*** Opening of Available data ***
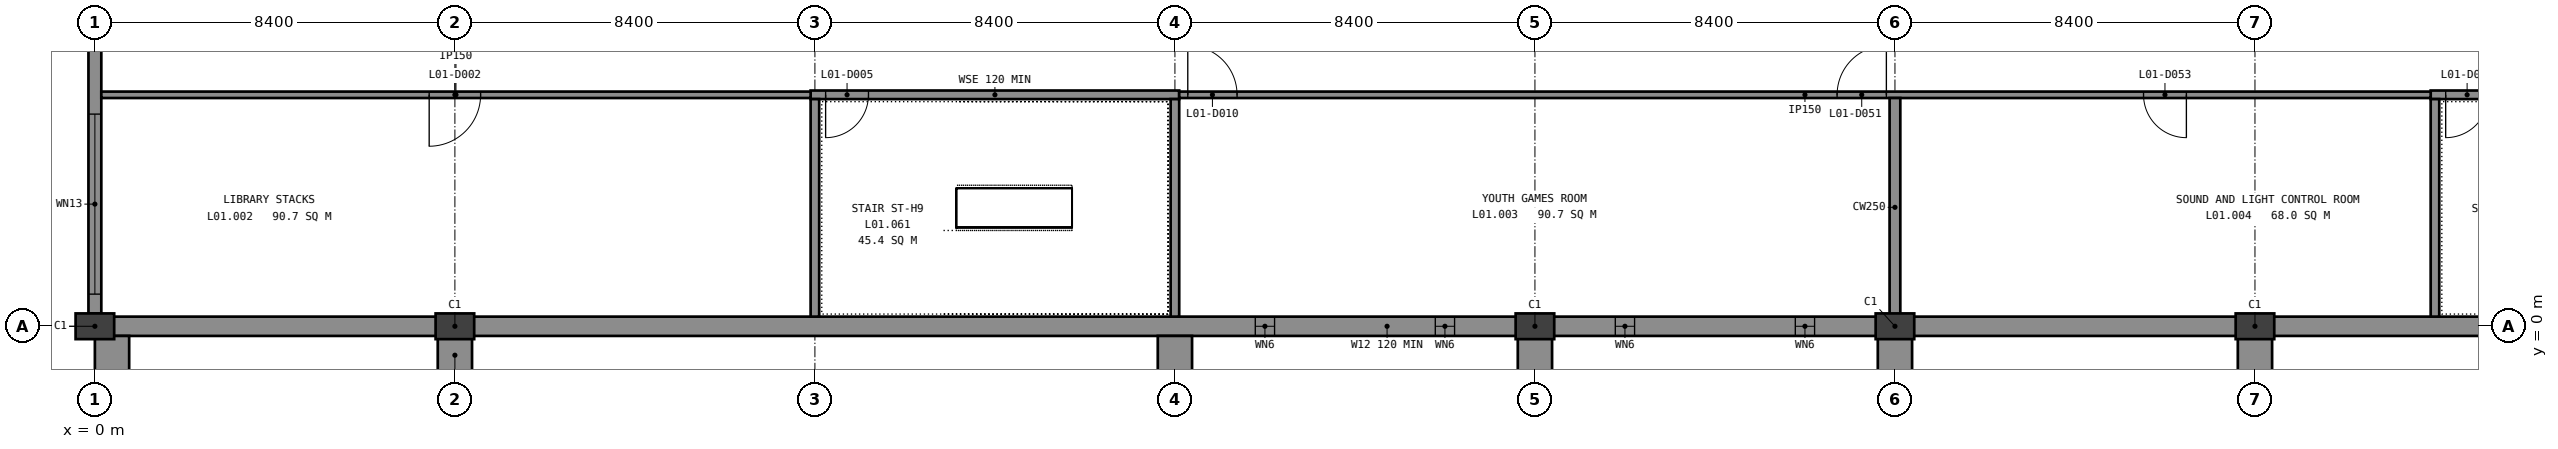
"""IFC4 building model, lengths in metres.
Left out: names, types, materials, properties, quantities, classifications, styles, units other than length and angle.
Written with IfcOpenShell. Run it as: python <this file> out.ifc"""

import sys

from ifc_helpers import new_model, si_unit, direction, frame, frame_2d, origin, origin_2d, place, context, subcontext, project, spatial, rectangle, extrude, element, fill, save


model = new_model("IFC4")
c1 = context("Model", 3, precision=1e-05, world=origin(), true_north=direction((0.0, 1.0)))
c2 = subcontext(c1, "Body", "Model", "MODEL_VIEW")
j1 = project(units=[si_unit("LENGTHUNIT", "METRE"), si_unit("PLANEANGLEUNIT", "RADIAN")], contexts=[c1])
p1 = place(None, origin())
s1 = spatial("IfcSite", under=j1, at=p1, CompositionType="ELEMENT")
p2 = place(p1, origin())
s2 = spatial("IfcBuilding", under=s1, at=p2, CompositionType="ELEMENT")
p3 = place(p2, frame((0.0, 0.0, 5.4)))
s3 = spatial("IfcBuildingStorey", under=s2, at=p3, CompositionType="ELEMENT", Elevation=5.4)
for number, where, z_axis, x_axis in (
    (1, (0.0, 0.0, -0.3), (0.0, 0.0, 1.0), (1.0, 0.0, 0.0)),
    (2, (8.4, 0.0, -0.3), (0.0, 0.0, 1.0), (1.0, 0.0, 0.0)),
    (3, (33.6, 0.0, -0.3), (0.0, 0.0, 1.0), (1.0, 0.0, 0.0)),
    (4, (42.0, 0.0, -0.3), (0.0, 0.0, 1.0), (1.0, 0.0, 0.0)),
    (5, (50.4, 0.0, -0.3), (0.0, 0.0, 1.0), (1.0, 0.0, 0.0)),
):
    element("IfcColumn", number, at=place(p3, frame(where, z_axis=z_axis, x_axis=x_axis)), inside=s3, PredefinedType="PILASTER", context=c2, shape_type="SweptSolid", body=[
        extrude(rectangle(XDim=0.9, YDim=0.6, at=origin_2d()), origin(), (0.0, 0.0, 1.0), 4.55),
    ])
p4 = place(p3, frame((0.0, 0.0, -0.3), z_axis=(0.0, 0.0, 1.0), x_axis=(1.0, 0.0, 0.0)))
e6 = element("IfcWall", 6, at=p4, inside=s3, PredefinedType="SOLIDWALL", context=c2, shape_type="SweptSolid", body=[
    extrude(rectangle(XDim=168.0, YDim=0.45, at=frame_2d((84.0, 0.0))), origin(), (0.0, 0.0, 1.0), 4.55),
])
p5 = place(p4, frame((27.075, 0.0, 1.5)))
e7 = element("IfcOpeningElement", 7, at=p5, cuts=e6, PredefinedType="OPENING", context=c2, shape_type="SweptSolid", body=[
    extrude(rectangle(XDim=0.45, YDim=2.4, at=frame_2d((0.225, 1.2))), frame((0.0, 0.235, 0.0), z_axis=(0.0, -1.0, 0.0), x_axis=(1.0, 0.0, 0.0)), (0.0, 0.0, 1.0), 0.47),
])
p6 = place(p4, frame((31.275, 0.0, 1.5)))
e8 = element("IfcOpeningElement", 8, at=p6, cuts=e6, PredefinedType="OPENING", context=c2, shape_type="SweptSolid", body=[
    extrude(rectangle(XDim=0.45, YDim=2.4, at=frame_2d((0.225, 1.2))), frame((0.0, 0.235, 0.0), z_axis=(0.0, -1.0, 0.0), x_axis=(1.0, 0.0, 0.0)), (0.0, 0.0, 1.0), 0.47),
])
p7 = place(p4, frame((35.475, 0.0, 1.5)))
e9 = element("IfcOpeningElement", 9, at=p7, cuts=e6, PredefinedType="OPENING", context=c2, shape_type="SweptSolid", body=[
    extrude(rectangle(XDim=0.45, YDim=2.4, at=frame_2d((0.225, 1.2))), frame((0.0, 0.235, 0.0), z_axis=(0.0, -1.0, 0.0), x_axis=(1.0, 0.0, 0.0)), (0.0, 0.0, 1.0), 0.47),
])
p8 = place(p4, frame((39.675, 0.0, 1.5)))
e10 = element("IfcOpeningElement", 10, at=p8, cuts=e6, PredefinedType="OPENING", context=c2, shape_type="SweptSolid", body=[
    extrude(rectangle(XDim=0.45, YDim=2.4, at=frame_2d((0.225, 1.2))), frame((0.0, 0.235, 0.0), z_axis=(0.0, -1.0, 0.0), x_axis=(1.0, 0.0, 0.0)), (0.0, 0.0, 1.0), 0.47),
])
p9 = place(p4, frame((94.275, 0.0, 1.5)))
e11 = element("IfcOpeningElement", 11, at=p9, cuts=e6, PredefinedType="OPENING", context=c2, shape_type="SweptSolid", body=[
    extrude(rectangle(XDim=0.45, YDim=2.4, at=frame_2d((0.225, 1.2))), frame((0.0, 0.235, 0.0), z_axis=(0.0, -1.0, 0.0), x_axis=(1.0, 0.0, 0.0)), (0.0, 0.0, 1.0), 0.47),
])
p10 = place(p4, frame((98.475, 0.0, 1.5)))
e12 = element("IfcOpeningElement", 12, at=p10, cuts=e6, PredefinedType="OPENING", context=c2, shape_type="SweptSolid", body=[
    extrude(rectangle(XDim=0.45, YDim=2.4, at=frame_2d((0.225, 1.2))), frame((0.0, 0.235, 0.0), z_axis=(0.0, -1.0, 0.0), x_axis=(1.0, 0.0, 0.0)), (0.0, 0.0, 1.0), 0.47),
])
p11 = place(p4, frame((102.675, 0.0, 1.5)))
e13 = element("IfcOpeningElement", 13, at=p11, cuts=e6, PredefinedType="OPENING", context=c2, shape_type="SweptSolid", body=[
    extrude(rectangle(XDim=0.45, YDim=2.4, at=frame_2d((0.225, 1.2))), frame((0.0, 0.235, 0.0), z_axis=(0.0, -1.0, 0.0), x_axis=(1.0, 0.0, 0.0)), (0.0, 0.0, 1.0), 0.47),
])
p12 = place(p4, frame((106.875, 0.0, 1.5)))
e14 = element("IfcOpeningElement", 14, at=p12, cuts=e6, PredefinedType="OPENING", context=c2, shape_type="SweptSolid", body=[
    extrude(rectangle(XDim=0.45, YDim=2.4, at=frame_2d((0.225, 1.2))), frame((0.0, 0.235, 0.0), z_axis=(0.0, -1.0, 0.0), x_axis=(1.0, 0.0, 0.0)), (0.0, 0.0, 1.0), 0.47),
])
p13 = place(p4, frame((111.075, 0.0, 1.5)))
e15 = element("IfcOpeningElement", 15, at=p13, cuts=e6, PredefinedType="OPENING", context=c2, shape_type="SweptSolid", body=[
    extrude(rectangle(XDim=0.45, YDim=2.4, at=frame_2d((0.225, 1.2))), frame((0.0, 0.235, 0.0), z_axis=(0.0, -1.0, 0.0), x_axis=(1.0, 0.0, 0.0)), (0.0, 0.0, 1.0), 0.47),
])
p14 = place(p4, frame((115.275, 0.0, 1.5)))
e16 = element("IfcOpeningElement", 16, at=p14, cuts=e6, PredefinedType="OPENING", context=c2, shape_type="SweptSolid", body=[
    extrude(rectangle(XDim=0.45, YDim=2.4, at=frame_2d((0.225, 1.2))), frame((0.0, 0.235, 0.0), z_axis=(0.0, -1.0, 0.0), x_axis=(1.0, 0.0, 0.0)), (0.0, 0.0, 1.0), 0.47),
])
p15 = place(p4, frame((127.875, 0.0, 1.5)))
e17 = element("IfcOpeningElement", 17, at=p15, cuts=e6, PredefinedType="OPENING", context=c2, shape_type="SweptSolid", body=[
    extrude(rectangle(XDim=0.45, YDim=2.4, at=frame_2d((0.225, 1.2))), frame((0.0, 0.235, 0.0), z_axis=(0.0, -1.0, 0.0), x_axis=(1.0, 0.0, 0.0)), (0.0, 0.0, 1.0), 0.47),
])
p16 = place(p4, frame((132.075, 0.0, 1.5)))
e18 = element("IfcOpeningElement", 18, at=p16, cuts=e6, PredefinedType="OPENING", context=c2, shape_type="SweptSolid", body=[
    extrude(rectangle(XDim=0.45, YDim=2.4, at=frame_2d((0.225, 1.2))), frame((0.0, 0.235, 0.0), z_axis=(0.0, -1.0, 0.0), x_axis=(1.0, 0.0, 0.0)), (0.0, 0.0, 1.0), 0.47),
])
p17 = place(p4, frame((136.275, 0.0, 1.5)))
e19 = element("IfcOpeningElement", 19, at=p17, cuts=e6, PredefinedType="OPENING", context=c2, shape_type="SweptSolid", body=[
    extrude(rectangle(XDim=0.45, YDim=2.4, at=frame_2d((0.225, 1.2))), frame((0.0, 0.235, 0.0), z_axis=(0.0, -1.0, 0.0), x_axis=(1.0, 0.0, 0.0)), (0.0, 0.0, 1.0), 0.47),
])
p18 = place(p4, frame((140.475, 0.0, 1.5)))
e20 = element("IfcOpeningElement", 20, at=p18, cuts=e6, PredefinedType="OPENING", context=c2, shape_type="SweptSolid", body=[
    extrude(rectangle(XDim=0.45, YDim=2.4, at=frame_2d((0.225, 1.2))), frame((0.0, 0.235, 0.0), z_axis=(0.0, -1.0, 0.0), x_axis=(1.0, 0.0, 0.0)), (0.0, 0.0, 1.0), 0.47),
])
p19 = place(p4, frame((144.675, 0.0, 1.5)))
e21 = element("IfcOpeningElement", 21, at=p19, cuts=e6, PredefinedType="OPENING", context=c2, shape_type="SweptSolid", body=[
    extrude(rectangle(XDim=0.45, YDim=2.4, at=frame_2d((0.225, 1.2))), frame((0.0, 0.235, 0.0), z_axis=(0.0, -1.0, 0.0), x_axis=(1.0, 0.0, 0.0)), (0.0, 0.0, 1.0), 0.47),
])
p20 = place(p4, frame((148.875, 0.0, 1.5)))
e22 = element("IfcOpeningElement", 22, at=p20, cuts=e6, PredefinedType="OPENING", context=c2, shape_type="SweptSolid", body=[
    extrude(rectangle(XDim=0.45, YDim=2.4, at=frame_2d((0.225, 1.2))), frame((0.0, 0.235, 0.0), z_axis=(0.0, -1.0, 0.0), x_axis=(1.0, 0.0, 0.0)), (0.0, 0.0, 1.0), 0.47),
])
p21 = place(p4, frame((153.075, 0.0, 1.5)))
e23 = element("IfcOpeningElement", 23, at=p21, cuts=e6, PredefinedType="OPENING", context=c2, shape_type="SweptSolid", body=[
    extrude(rectangle(XDim=0.45, YDim=2.4, at=frame_2d((0.225, 1.2))), frame((0.0, 0.235, 0.0), z_axis=(0.0, -1.0, 0.0), x_axis=(1.0, 0.0, 0.0)), (0.0, 0.0, 1.0), 0.47),
])
p22 = place(p4, frame((157.275, 0.0, 1.5)))
e24 = element("IfcOpeningElement", 24, at=p22, cuts=e6, PredefinedType="OPENING", context=c2, shape_type="SweptSolid", body=[
    extrude(rectangle(XDim=0.45, YDim=2.4, at=frame_2d((0.225, 1.2))), frame((0.0, 0.235, 0.0), z_axis=(0.0, -1.0, 0.0), x_axis=(1.0, 0.0, 0.0)), (0.0, 0.0, 1.0), 0.47),
])
p23 = place(p3, frame((0.0, 0.3, 0.0), z_axis=(0.0, 0.0, 1.0), x_axis=(0.0, 1.0, 0.0)))
e25 = element("IfcWall", 25, at=p23, inside=s3, PredefinedType="STANDARD", context=c2, shape_type="SweptSolid", body=[
    extrude(rectangle(XDim=7.675, YDim=0.3, at=frame_2d((3.837, 0.0))), origin(), (0.0, 0.0, 1.0), 3.6),
])
p24 = place(p23, frame((0.45, 0.0, 2.4)))
e26 = element("IfcOpeningElement", 26, at=p24, cuts=e25, PredefinedType="OPENING", context=c2, shape_type="SweptSolid", body=[
    extrude(rectangle(XDim=4.2, YDim=0.9, at=frame_2d((2.1, 0.45))), frame((0.0, 0.16, 0.0), z_axis=(0.0, -1.0, 0.0), x_axis=(1.0, 0.0, 0.0)), (0.0, 0.0, 1.0), 0.32),
])
for number, where, z_axis, x_axis in (
    (27, (0.4, -0.225, -0.3), (0.0, 0.0, 1.0), (0.0, -1.0, 0.0)),
    (28, (8.4, -0.225, -0.3), (0.0, 0.0, 1.0), (0.0, -1.0, 0.0)),
    (29, (25.2, -0.225, -0.3), (0.0, 0.0, 1.0), (0.0, -1.0, 0.0)),
    (30, (33.6, -0.225, -0.3), (0.0, 0.0, 1.0), (0.0, -1.0, 0.0)),
    (31, (42.0, -0.225, -0.3), (0.0, 0.0, 1.0), (0.0, -1.0, 0.0)),
    (32, (50.4, -0.225, -0.3), (0.0, 0.0, 1.0), (0.0, -1.0, 0.0)),
):
    element("IfcWall", number, at=place(p3, frame(where, z_axis=z_axis, x_axis=x_axis)), inside=s3, PredefinedType="SOLIDWALL", context=c2, shape_type="SweptSolid", body=[
        extrude(rectangle(XDim=0.9, YDim=0.8, at=frame_2d((0.45, 0.0))), origin(), (0.0, 0.0, 1.0), 4.55),
    ])
p25 = place(p3, frame((54.5, 5.4, -0.3), z_axis=(0.0, 0.0, 1.0), x_axis=(1.0, 0.0, 0.0)))
e33 = element("IfcWall", 33, at=p25, inside=s3, PredefinedType="SHEAR", context=c2, shape_type="SweptSolid", body=[
    extrude(rectangle(XDim=8.6, YDim=0.2, at=frame_2d((4.3, 0.0))), origin(), (0.0, 0.0, 1.0), 4.5),
])
p26 = place(p25, frame((0.35, 0.0, 0.3)))
e34 = element("IfcOpeningElement", 34, at=p26, cuts=e33, PredefinedType="OPENING", context=c2, shape_type="SweptSolid", body=[
    extrude(rectangle(XDim=1.0, YDim=2.1, at=frame_2d((0.5, 1.05))), frame((0.0, 0.11, 0.0), z_axis=(0.0, -1.0, 0.0), x_axis=(1.0, 0.0, 0.0)), (0.0, 0.0, 1.0), 0.22),
])
p27 = place(p3, frame((54.6, 0.225, -0.3), z_axis=(0.0, 0.0, 1.0), x_axis=(0.0, 1.0, 0.0)))
e35 = element("IfcWall", 35, at=p27, inside=s3, PredefinedType="SHEAR", context=c2, shape_type="SweptSolid", body=[
    extrude(rectangle(XDim=5.075, YDim=0.2, at=frame_2d((2.538, 0.0))), origin(), (0.0, 0.0, 1.0), 4.5),
])
p28 = place(p3, frame((16.7, 5.4, -0.3), z_axis=(0.0, 0.0, 1.0), x_axis=(1.0, 0.0, 0.0)))
e36 = element("IfcWall", 36, at=p28, inside=s3, PredefinedType="SHEAR", context=c2, shape_type="SweptSolid", body=[
    extrude(rectangle(XDim=8.6, YDim=0.2, at=frame_2d((4.3, 0.0))), origin(), (0.0, 0.0, 1.0), 4.5),
])
p29 = place(p28, frame((0.35, 0.0, 0.3)))
e37 = element("IfcOpeningElement", 37, at=p29, cuts=e36, PredefinedType="OPENING", context=c2, shape_type="SweptSolid", body=[
    extrude(rectangle(XDim=1.0, YDim=2.1, at=frame_2d((0.5, 1.05))), frame((0.0, 0.11, 0.0), z_axis=(0.0, -1.0, 0.0), x_axis=(1.0, 0.0, 0.0)), (0.0, 0.0, 1.0), 0.22),
])
for number, where, z_axis, x_axis in (
    (38, (16.8, 0.225, -0.3), (0.0, 0.0, 1.0), (0.0, 1.0, 0.0)),
    (39, (25.2, 0.225, -0.3), (0.0, 0.0, 1.0), (0.0, 1.0, 0.0)),
):
    element("IfcWall", number, at=place(p3, frame(where, z_axis=z_axis, x_axis=x_axis)), inside=s3, PredefinedType="SHEAR", context=c2, shape_type="SweptSolid", body=[
        extrude(rectangle(XDim=5.075, YDim=0.2, at=frame_2d((2.538, 0.0))), origin(), (0.0, 0.0, 1.0), 4.5),
    ])
p30 = place(p3, frame((0.15, 5.4, 0.0), z_axis=(0.0, 0.0, 1.0), x_axis=(1.0, 0.0, 0.0)))
e40 = element("IfcWall", 40, at=p30, inside=s3, PredefinedType="PARTITIONING", context=c2, shape_type="SweptSolid", body=[
    extrude(rectangle(XDim=16.55, YDim=0.15, at=frame_2d((8.275, 0.0))), origin(), (0.0, 0.0, 1.0), 4.2),
])
p31 = place(p30, frame((7.65, 0.0, 0.0)))
e41 = element("IfcOpeningElement", 41, at=p31, cuts=e40, PredefinedType="OPENING", context=c2, shape_type="SweptSolid", body=[
    extrude(rectangle(XDim=1.2, YDim=2.1, at=frame_2d((0.6, 1.05))), frame((0.0, 0.085, 0.0), z_axis=(0.0, -1.0, 0.0), x_axis=(1.0, 0.0, 0.0)), (0.0, 0.0, 1.0), 0.17),
])
p32 = place(p3, frame((25.3, 5.4, 0.0), z_axis=(0.0, 0.0, 1.0), x_axis=(1.0, 0.0, 0.0)))
e42 = element("IfcWall", 42, at=p32, inside=s3, PredefinedType="PARTITIONING", context=c2, shape_type="SweptSolid", body=[
    extrude(rectangle(XDim=29.2, YDim=0.15, at=frame_2d((14.6, 0.0))), origin(), (0.0, 0.0, 1.0), 4.2),
])
p33 = place(p32, frame((0.2, 0.0, 0.0)))
e43 = element("IfcOpeningElement", 43, at=p33, cuts=e42, PredefinedType="OPENING", context=c2, shape_type="SweptSolid", body=[
    extrude(rectangle(XDim=1.15, YDim=2.1, at=frame_2d((0.575, 1.05))), frame((0.0, 0.085, 0.0), z_axis=(0.0, -1.0, 0.0), x_axis=(1.0, 0.0, 0.0)), (0.0, 0.0, 1.0), 0.17),
])
p34 = place(p32, frame((15.35, 0.0, 0.0)))
e44 = element("IfcOpeningElement", 44, at=p34, cuts=e42, PredefinedType="OPENING", context=c2, shape_type="SweptSolid", body=[
    extrude(rectangle(XDim=1.15, YDim=2.1, at=frame_2d((0.575, 1.05))), frame((0.0, 0.085, 0.0), z_axis=(0.0, -1.0, 0.0), x_axis=(1.0, 0.0, 0.0)), (0.0, 0.0, 1.0), 0.17),
])
p35 = place(p32, frame((22.5, 0.0, 0.0)))
e45 = element("IfcOpeningElement", 45, at=p35, cuts=e42, PredefinedType="OPENING", context=c2, shape_type="SweptSolid", body=[
    extrude(rectangle(XDim=1.0, YDim=2.1, at=frame_2d((0.5, 1.05))), frame((0.0, 0.085, 0.0), z_axis=(0.0, -1.0, 0.0), x_axis=(1.0, 0.0, 0.0)), (0.0, 0.0, 1.0), 0.17),
])
p36 = place(p3, frame((42.0, 0.225, 0.0), z_axis=(0.0, 0.0, 1.0), x_axis=(0.0, 1.0, 0.0)))
e46 = element("IfcWall", 46, at=p36, inside=s3, PredefinedType="SOLIDWALL", context=c2, shape_type="SweptSolid", body=[
    extrude(rectangle(XDim=5.1, YDim=0.25, at=frame_2d((2.55, 0.0))), origin(), (0.0, 0.0, 1.0), 3.5),
])
p37 = place(p24, origin())
e47 = element("IfcWindow", 47, at=p37, inside=s3, PartitioningType="SINGLE_PANEL", PredefinedType="WINDOW", context=c2, shape_type="SweptSolid", body=[
    extrude(rectangle(XDim=4.2, YDim=0.9, at=frame_2d((2.1, 0.45))), frame((0.0, 0.03, 0.0), z_axis=(0.0, -1.0, 0.0), x_axis=(1.0, 0.0, 0.0)), (0.0, 0.0, 1.0), 0.06),
])
fill(e26, e47)
p38 = place(p5, origin())
e48 = element("IfcWindow", 48, at=p38, inside=s3, PartitioningType="SINGLE_PANEL", PredefinedType="WINDOW", context=c2, shape_type="SweptSolid", body=[
    extrude(rectangle(XDim=0.45, YDim=2.4, at=frame_2d((0.225, 1.2))), frame((0.0, 0.03, 0.0), z_axis=(0.0, -1.0, 0.0), x_axis=(1.0, 0.0, 0.0)), (0.0, 0.0, 1.0), 0.06),
])
fill(e7, e48)
p39 = place(p6, origin())
e49 = element("IfcWindow", 49, at=p39, inside=s3, PartitioningType="SINGLE_PANEL", PredefinedType="WINDOW", context=c2, shape_type="SweptSolid", body=[
    extrude(rectangle(XDim=0.45, YDim=2.4, at=frame_2d((0.225, 1.2))), frame((0.0, 0.03, 0.0), z_axis=(0.0, -1.0, 0.0), x_axis=(1.0, 0.0, 0.0)), (0.0, 0.0, 1.0), 0.06),
])
fill(e8, e49)
p40 = place(p7, origin())
e50 = element("IfcWindow", 50, at=p40, inside=s3, PartitioningType="SINGLE_PANEL", PredefinedType="WINDOW", context=c2, shape_type="SweptSolid", body=[
    extrude(rectangle(XDim=0.45, YDim=2.4, at=frame_2d((0.225, 1.2))), frame((0.0, 0.03, 0.0), z_axis=(0.0, -1.0, 0.0), x_axis=(1.0, 0.0, 0.0)), (0.0, 0.0, 1.0), 0.06),
])
fill(e9, e50)
p41 = place(p8, origin())
e51 = element("IfcWindow", 51, at=p41, inside=s3, PartitioningType="SINGLE_PANEL", PredefinedType="WINDOW", context=c2, shape_type="SweptSolid", body=[
    extrude(rectangle(XDim=0.45, YDim=2.4, at=frame_2d((0.225, 1.2))), frame((0.0, 0.03, 0.0), z_axis=(0.0, -1.0, 0.0), x_axis=(1.0, 0.0, 0.0)), (0.0, 0.0, 1.0), 0.06),
])
fill(e10, e51)
p42 = place(p26, origin())
e52 = element("IfcDoor", 52, at=p42, inside=s3, OperationType="SINGLE_SWING_LEFT", PredefinedType="DOOR", context=c2, shape_type="SweptSolid", body=[
    extrude(rectangle(XDim=1.0, YDim=2.1, at=frame_2d((0.5, 1.05))), frame((0.0, 0.025, 0.0), z_axis=(0.0, -1.0, 0.0), x_axis=(1.0, 0.0, 0.0)), (0.0, 0.0, 1.0), 0.05),
])
fill(e34, e52)
p43 = place(p29, origin())
e53 = element("IfcDoor", 53, at=p43, inside=s3, OperationType="SINGLE_SWING_LEFT", PredefinedType="DOOR", context=c2, shape_type="SweptSolid", body=[
    extrude(rectangle(XDim=1.0, YDim=2.1, at=frame_2d((0.5, 1.05))), frame((0.0, 0.025, 0.0), z_axis=(0.0, -1.0, 0.0), x_axis=(1.0, 0.0, 0.0)), (0.0, 0.0, 1.0), 0.05),
])
fill(e37, e53)
p44 = place(p31, origin())
e54 = element("IfcDoor", 54, at=p44, inside=s3, OperationType="SINGLE_SWING_LEFT", PredefinedType="DOOR", context=c2, shape_type="SweptSolid", body=[
    extrude(rectangle(XDim=1.2, YDim=2.1, at=frame_2d((0.6, 1.05))), frame((0.0, 0.025, 0.0), z_axis=(0.0, -1.0, 0.0), x_axis=(1.0, 0.0, 0.0)), (0.0, 0.0, 1.0), 0.05),
])
fill(e41, e54)
p45 = place(p33, origin())
e55 = element("IfcDoor", 55, at=p45, inside=s3, OperationType="SINGLE_SWING_RIGHT", PredefinedType="DOOR", context=c2, shape_type="SweptSolid", body=[
    extrude(rectangle(XDim=1.15, YDim=2.1, at=frame_2d((0.575, 1.05))), frame((0.0, 0.025, 0.0), z_axis=(0.0, -1.0, 0.0), x_axis=(1.0, 0.0, 0.0)), (0.0, 0.0, 1.0), 0.05),
])
fill(e43, e55)
p46 = place(p34, origin())
e56 = element("IfcDoor", 56, at=p46, inside=s3, OperationType="SINGLE_SWING_LEFT", PredefinedType="DOOR", context=c2, shape_type="SweptSolid", body=[
    extrude(rectangle(XDim=1.15, YDim=2.1, at=frame_2d((0.575, 1.05))), frame((0.0, 0.025, 0.0), z_axis=(0.0, -1.0, 0.0), x_axis=(1.0, 0.0, 0.0)), (0.0, 0.0, 1.0), 0.05),
])
fill(e44, e56)
p47 = place(p35, origin())
e57 = element("IfcDoor", 57, at=p47, inside=s3, OperationType="SINGLE_SWING_RIGHT", PredefinedType="DOOR", context=c2, shape_type="SweptSolid", body=[
    extrude(rectangle(XDim=1.0, YDim=2.1, at=frame_2d((0.5, 1.05))), frame((0.0, 0.025, 0.0), z_axis=(0.0, -1.0, 0.0), x_axis=(1.0, 0.0, 0.0)), (0.0, 0.0, 1.0), 0.05),
])
fill(e45, e57)
save(model, sys.argv[1])
*** Close of Available data ***
Using the entries above, state the number of lines that include "direction". Add nothing else.

2